(Data excerpts)
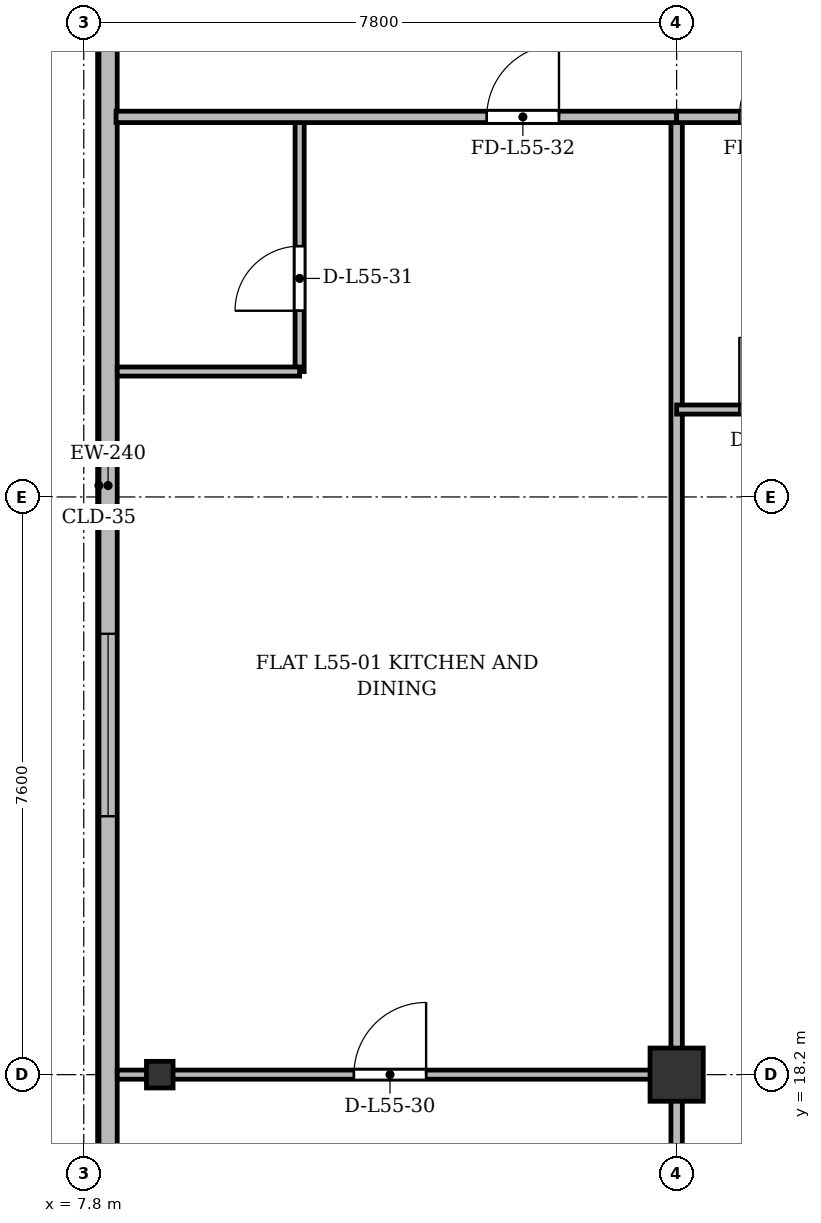
"""IFC4 building model, lengths in metres.
Left out: names, types, materials, properties, quantities, classifications, styles, units other than length and angle.
Written with IfcOpenShell. Run it as: python <this file> out.ifc"""

import sys

from ifc_helpers import new_model, si_unit, direction, frame, frame_2d, origin, origin_2d, place, context, subcontext, project, spatial, rectangle, i_section, extrude, source, transform, mapped, element, fill, save


model = new_model("IFC4")
c1 = context("Model", 3, precision=1e-05, world=origin(), true_north=direction((0.0, 1.0)))
c2 = subcontext(c1, "Body", "Model", "MODEL_VIEW")
j1 = project(units=[si_unit("LENGTHUNIT", "METRE"), si_unit("PLANEANGLEUNIT", "RADIAN")], contexts=[c1])
p1 = place(None, origin())
s1 = spatial("IfcSite", under=j1, at=p1, CompositionType="ELEMENT")
p2 = place(p1, origin())
s2 = spatial("IfcBuilding", under=s1, at=p2, CompositionType="ELEMENT")
p3 = place(p2, frame((0.0, 0.0, 212.1)))
s3 = spatial("IfcBuildingStorey", under=s2, at=p3, CompositionType="ELEMENT", Elevation=212.1)
m1 = source(origin(), c2, "Body", "SweptSolid", [
    extrude(i_section(OverallWidth=0.35, OverallDepth=0.35, WebThickness=0.018, FlangeThickness=0.028, at=origin_2d()), origin(), (0.0, 0.0, 1.0), 3.6),
])
p4 = place(p3, frame((8.8, 18.2, 0.0), z_axis=(0.0, 0.0, 1.0), x_axis=(1.0, 0.0, 0.0)))
e1 = element("IfcColumn", 1, at=p4, inside=s3, PredefinedType="COLUMN", context=c2, shape_type="MappedRepresentation", body=[
    mapped(m1, transform((0.0, 0.0, 0.0), x_axis=(1.0, 0.0, 0.0), y_axis=(0.0, 1.0, 0.0), z_axis=(0.0, 0.0, 1.0), scale=1.0)),
])
m2 = source(origin(), c2, "Body", "SweptSolid", [
    extrude(rectangle(XDim=0.7, YDim=0.7, at=origin_2d()), origin(), (0.0, 0.0, 1.0), 3.6),
])
p5 = place(p3, frame((15.6, 18.2, 0.0), z_axis=(0.0, 0.0, 1.0), x_axis=(1.0, 0.0, 0.0)))
e2 = element("IfcColumn", 2, at=p5, inside=s3, PredefinedType="COLUMN", context=c2, shape_type="MappedRepresentation", body=[
    mapped(m2, transform((0.0, 0.0, 0.0), x_axis=(1.0, 0.0, 0.0), y_axis=(0.0, 1.0, 0.0), z_axis=(0.0, 0.0, 1.0), scale=1.0)),
])
p6 = place(p3, frame((8.12, 6.4, 0.0), z_axis=(0.0, 0.0, 1.0), x_axis=(0.0, 1.0, 0.0)))
e3 = element("IfcWall", 3, at=p6, inside=s3, PredefinedType="SOLIDWALL", context=c2, shape_type="SweptSolid", body=[
    extrude(rectangle(XDim=39.1, YDim=0.24, at=frame_2d((19.55, 0.0))), origin(), (0.0, 0.0, 1.0), 3.36),
])
p7 = place(p6, frame((1.45, 0.0, 0.92)))
e4 = element("IfcOpeningElement", 4, at=p7, cuts=e3, PredefinedType="OPENING", context=c2, shape_type="SweptSolid", body=[
    extrude(rectangle(XDim=1.2, YDim=1.65, at=frame_2d((0.6, 0.825))), frame((0.0, 0.13, 0.0), z_axis=(0.0, -1.0, 0.0), x_axis=(1.0, 0.0, 0.0)), (0.0, 0.0, 1.0), 0.26),
])
p8 = place(p6, frame((3.8, 0.0, 0.92)))
e5 = element("IfcOpeningElement", 5, at=p8, cuts=e3, PredefinedType="OPENING", context=c2, shape_type="SweptSolid", body=[
    extrude(rectangle(XDim=2.4, YDim=2.1, at=frame_2d((1.2, 1.05))), frame((0.0, 0.13, 0.0), z_axis=(0.0, -1.0, 0.0), x_axis=(1.0, 0.0, 0.0)), (0.0, 0.0, 1.0), 0.26),
])
p9 = place(p6, frame((8.0, 0.0, 0.92)))
e6 = element("IfcOpeningElement", 6, at=p9, cuts=e3, PredefinedType="OPENING", context=c2, shape_type="SweptSolid", body=[
    extrude(rectangle(XDim=2.4, YDim=2.1, at=frame_2d((1.2, 1.05))), frame((0.0, 0.13, 0.0), z_axis=(0.0, -1.0, 0.0), x_axis=(1.0, 0.0, 0.0)), (0.0, 0.0, 1.0), 0.26),
])
p10 = place(p6, frame((15.2, 0.0, 0.92)))
e7 = element("IfcOpeningElement", 7, at=p10, cuts=e3, PredefinedType="OPENING", context=c2, shape_type="SweptSolid", body=[
    extrude(rectangle(XDim=2.4, YDim=2.1, at=frame_2d((1.2, 1.05))), frame((0.0, 0.13, 0.0), z_axis=(0.0, -1.0, 0.0), x_axis=(1.0, 0.0, 0.0)), (0.0, 0.0, 1.0), 0.26),
])
p11 = place(p6, frame((33.4, 0.0, 0.92)))
e8 = element("IfcOpeningElement", 8, at=p11, cuts=e3, PredefinedType="OPENING", context=c2, shape_type="SweptSolid", body=[
    extrude(rectangle(XDim=1.2, YDim=1.65, at=frame_2d((0.6, 0.825))), frame((0.0, 0.13, 0.0), z_axis=(0.0, -1.0, 0.0), x_axis=(1.0, 0.0, 0.0)), (0.0, 0.0, 1.0), 0.26),
])
p12 = place(p6, frame((36.75, 0.0, 0.92)))
e9 = element("IfcOpeningElement", 9, at=p12, cuts=e3, PredefinedType="OPENING", context=c2, shape_type="SweptSolid", body=[
    extrude(rectangle(XDim=1.2, YDim=1.65, at=frame_2d((0.6, 0.825))), frame((0.0, 0.13, 0.0), z_axis=(0.0, -1.0, 0.0), x_axis=(1.0, 0.0, 0.0)), (0.0, 0.0, 1.0), 0.26),
])
p13 = place(p3, frame((15.6, 3.625, 0.0), z_axis=(0.0, 0.0, 1.0), x_axis=(0.0, 1.0, 0.0)))
e10 = element("IfcWall", 10, at=p13, inside=s3, PredefinedType="PARTITIONING", context=c2, shape_type="SweptSolid", body=[
    extrude(rectangle(XDim=27.175, YDim=0.15, at=frame_2d((13.587, 0.0))), origin(), (0.0, 0.0, 1.0), 2.86),
])
p14 = place(p3, frame((8.24, 18.2, 0.0), z_axis=(0.0, 0.0, 1.0), x_axis=(1.0, 0.0, 0.0)))
e11 = element("IfcWall", 11, at=p14, inside=s3, PredefinedType="PARTITIONING", context=c2, shape_type="SweptSolid", body=[
    extrude(rectangle(XDim=7.36, YDim=0.12, at=frame_2d((3.68, 0.0))), origin(), (0.0, 0.0, 1.0), 2.91),
])
p15 = place(p14, frame((3.114, 0.0, 0.0)))
e12 = element("IfcOpeningElement", 12, at=p15, cuts=e11, PredefinedType="OPENING", context=c2, shape_type="SweptSolid", body=[
    extrude(rectangle(XDim=0.95, YDim=2.15, at=frame_2d((0.475, 1.075))), frame((0.0, 0.07, 0.0), z_axis=(0.0, -1.0, 0.0), x_axis=(1.0, 0.0, 0.0)), (0.0, 0.0, 1.0), 0.14),
])
p16 = place(p3, frame((10.64, 27.45, 0.0), z_axis=(0.0, 0.0, 1.0), x_axis=(0.0, 1.0, 0.0)))
e13 = element("IfcWall", 13, at=p16, inside=s3, PredefinedType="PARTITIONING", context=c2, shape_type="SweptSolid", body=[
    extrude(rectangle(XDim=3.35, YDim=0.12, at=frame_2d((1.675, 0.0))), origin(), (0.0, 0.0, 1.0), 3.36),
])
p17 = place(p16, frame((0.8, 0.0, 0.0)))
e14 = element("IfcOpeningElement", 14, at=p17, cuts=e13, PredefinedType="OPENING", context=c2, shape_type="SweptSolid", body=[
    extrude(rectangle(XDim=0.85, YDim=2.1, at=frame_2d((0.425, 1.05))), frame((0.0, 0.07, 0.0), z_axis=(0.0, -1.0, 0.0), x_axis=(1.0, 0.0, 0.0)), (0.0, 0.0, 1.0), 0.14),
])
p18 = place(p3, frame((8.24, 27.45, 0.0), z_axis=(0.0, 0.0, 1.0), x_axis=(1.0, 0.0, 0.0)))
e15 = element("IfcWall", 15, at=p18, inside=s3, PredefinedType="PARTITIONING", context=c2, shape_type="SweptSolid", body=[
    extrude(rectangle(XDim=2.4, YDim=0.12, at=frame_2d((1.2, 0.0))), origin(), (0.0, 0.0, 1.0), 2.86),
])
p19 = place(p3, frame((8.225, 30.8, 0.0), z_axis=(0.0, 0.0, 1.0), x_axis=(1.0, 0.0, 0.0)))
e16 = element("IfcWall", 16, at=p19, inside=s3, PredefinedType="PARTITIONING", context=c2, shape_type="SweptSolid", body=[
    extrude(rectangle(XDim=7.375, YDim=0.15, at=frame_2d((3.688, 0.0))), origin(), (0.0, 0.0, 1.0), 2.86),
])
p20 = place(p19, frame((4.877, 0.0, 0.0)))
e17 = element("IfcOpeningElement", 17, at=p20, cuts=e16, PredefinedType="OPENING", context=c2, shape_type="SweptSolid", body=[
    extrude(rectangle(XDim=0.95, YDim=2.15, at=frame_2d((0.475, 1.075))), frame((0.0, 0.085, 0.0), z_axis=(0.0, -1.0, 0.0), x_axis=(1.0, 0.0, 0.0)), (0.0, 0.0, 1.0), 0.17),
])
p21 = place(p3, frame((15.6, 30.8, 0.0), z_axis=(0.0, 0.0, 1.0), x_axis=(1.0, 0.0, 0.0)))
e18 = element("IfcWall", 18, at=p21, inside=s3, PredefinedType="PARTITIONING", context=c2, shape_type="SweptSolid", body=[
    extrude(rectangle(XDim=2.6, YDim=0.15, at=frame_2d((1.3, 0.0))), origin(), (0.0, 0.0, 1.0), 2.86),
])
p22 = place(p21, frame((0.825, 0.0, 0.0)))
e19 = element("IfcOpeningElement", 19, at=p22, cuts=e18, PredefinedType="OPENING", context=c2, shape_type="SweptSolid", body=[
    extrude(rectangle(XDim=0.95, YDim=2.15, at=frame_2d((0.475, 1.075))), frame((0.0, 0.085, 0.0), z_axis=(0.0, -1.0, 0.0), x_axis=(1.0, 0.0, 0.0)), (0.0, 0.0, 1.0), 0.17),
])
p23 = place(p3, frame((15.6, 26.95, 0.0), z_axis=(0.0, 0.0, 1.0), x_axis=(1.0, 0.0, 0.0)))
e20 = element("IfcWall", 20, at=p23, inside=s3, PredefinedType="PARTITIONING", context=c2, shape_type="SweptSolid", body=[
    extrude(rectangle(XDim=2.6, YDim=0.12, at=frame_2d((1.3, 0.0))), origin(), (0.0, 0.0, 1.0), 2.86),
])
p24 = place(p23, frame((0.825, 0.0, 0.0)))
e21 = element("IfcOpeningElement", 21, at=p24, cuts=e20, PredefinedType="OPENING", context=c2, shape_type="SweptSolid", body=[
    extrude(rectangle(XDim=0.95, YDim=2.15, at=frame_2d((0.475, 1.075))), frame((0.0, 0.07, 0.0), z_axis=(0.0, -1.0, 0.0), x_axis=(1.0, 0.0, 0.0)), (0.0, 0.0, 1.0), 0.14),
])
m3 = source(origin(), c2, "Body", "SweptSolid", [
    extrude(rectangle(XDim=2.4, YDim=2.1, at=frame_2d((1.2, 1.05))), frame((0.0, 0.03, 0.0), z_axis=(0.0, -1.0, 0.0), x_axis=(1.0, 0.0, 0.0)), (0.0, 0.0, 1.0), 0.06),
])
p25 = place(p10, origin())
e22 = element("IfcWindow", 22, at=p25, inside=s3, PartitioningType="SINGLE_PANEL", PredefinedType="WINDOW", context=c2, shape_type="MappedRepresentation", body=[
    mapped(m3, transform((0.0, 0.0, 0.0), x_axis=(1.0, 0.0, 0.0), y_axis=(0.0, 1.0, 0.0), z_axis=(0.0, 0.0, 1.0), scale=1.0)),
])
fill(e7, e22)
m4 = source(origin(), c2, "Body", "SweptSolid", [
    extrude(rectangle(XDim=0.95, YDim=2.15, at=frame_2d((0.475, 1.075))), frame((0.0, 0.025, 0.0), z_axis=(0.0, -1.0, 0.0), x_axis=(1.0, 0.0, 0.0)), (0.0, 0.0, 1.0), 0.05),
])
p26 = place(p15, origin())
e23 = element("IfcDoor", 23, at=p26, inside=s3, OperationType="SINGLE_SWING_RIGHT", PredefinedType="DOOR", context=c2, shape_type="MappedRepresentation", body=[
    mapped(m4, transform((0.0, 0.0, 0.0), x_axis=(1.0, 0.0, 0.0), y_axis=(0.0, 1.0, 0.0), z_axis=(0.0, 0.0, 1.0), scale=1.0)),
])
fill(e12, e23)
m5 = source(origin(), c2, "Body", "SweptSolid", [
    extrude(rectangle(XDim=0.85, YDim=2.1, at=frame_2d((0.425, 1.05))), frame((0.0, 0.025, 0.0), z_axis=(0.0, -1.0, 0.0), x_axis=(1.0, 0.0, 0.0)), (0.0, 0.0, 1.0), 0.05),
])
p27 = place(p17, origin())
e24 = element("IfcDoor", 24, at=p27, inside=s3, OperationType="SINGLE_SWING_LEFT", PredefinedType="DOOR", context=c2, shape_type="MappedRepresentation", body=[
    mapped(m5, transform((0.0, 0.0, 0.0), x_axis=(1.0, 0.0, 0.0), y_axis=(0.0, 1.0, 0.0), z_axis=(0.0, 0.0, 1.0), scale=1.0)),
])
fill(e14, e24)
p28 = place(p20, origin())
e25 = element("IfcDoor", 25, at=p28, inside=s3, OperationType="SINGLE_SWING_RIGHT", PredefinedType="DOOR", context=c2, shape_type="MappedRepresentation", body=[
    mapped(m4, transform((0.0, 0.0, 0.0), x_axis=(1.0, 0.0, 0.0), y_axis=(0.0, 1.0, 0.0), z_axis=(0.0, 0.0, 1.0), scale=1.0)),
])
fill(e17, e25)
p29 = place(p22, origin())
e26 = element("IfcDoor", 26, at=p29, inside=s3, OperationType="SINGLE_SWING_RIGHT", PredefinedType="DOOR", context=c2, shape_type="MappedRepresentation", body=[
    mapped(m4, transform((0.0, 0.0, 0.0), x_axis=(1.0, 0.0, 0.0), y_axis=(0.0, 1.0, 0.0), z_axis=(0.0, 0.0, 1.0), scale=1.0)),
])
fill(e19, e26)
p30 = place(p24, origin())
e27 = element("IfcDoor", 27, at=p30, inside=s3, OperationType="SINGLE_SWING_LEFT", PredefinedType="DOOR", context=c2, shape_type="MappedRepresentation", body=[
    mapped(m4, transform((0.0, 0.0, 0.0), x_axis=(1.0, 0.0, 0.0), y_axis=(0.0, 1.0, 0.0), z_axis=(0.0, 0.0, 1.0), scale=1.0)),
])
fill(e21, e27)
save(model, sys.argv[1])

**WORK TASK:** Locate the word "source" in the records and collect each line it appears in.

**RESPONSE TO THE EXERCISE:**
from ifc_helpers import new_model, si_unit, direction, frame, frame_2d, origin, origin_2d, place, context, subcontext, project, spatial, rectangle, i_section, extrude, source, transform, mapped, element, fill, save
m1 = source(origin(), c2, "Body", "SweptSolid", [
m2 = source(origin(), c2, "Body", "SweptSolid", [
m3 = source(origin(), c2, "Body", "SweptSolid", [
m4 = source(origin(), c2, "Body", "SweptSolid", [
m5 = source(origin(), c2, "Body", "SweptSolid", [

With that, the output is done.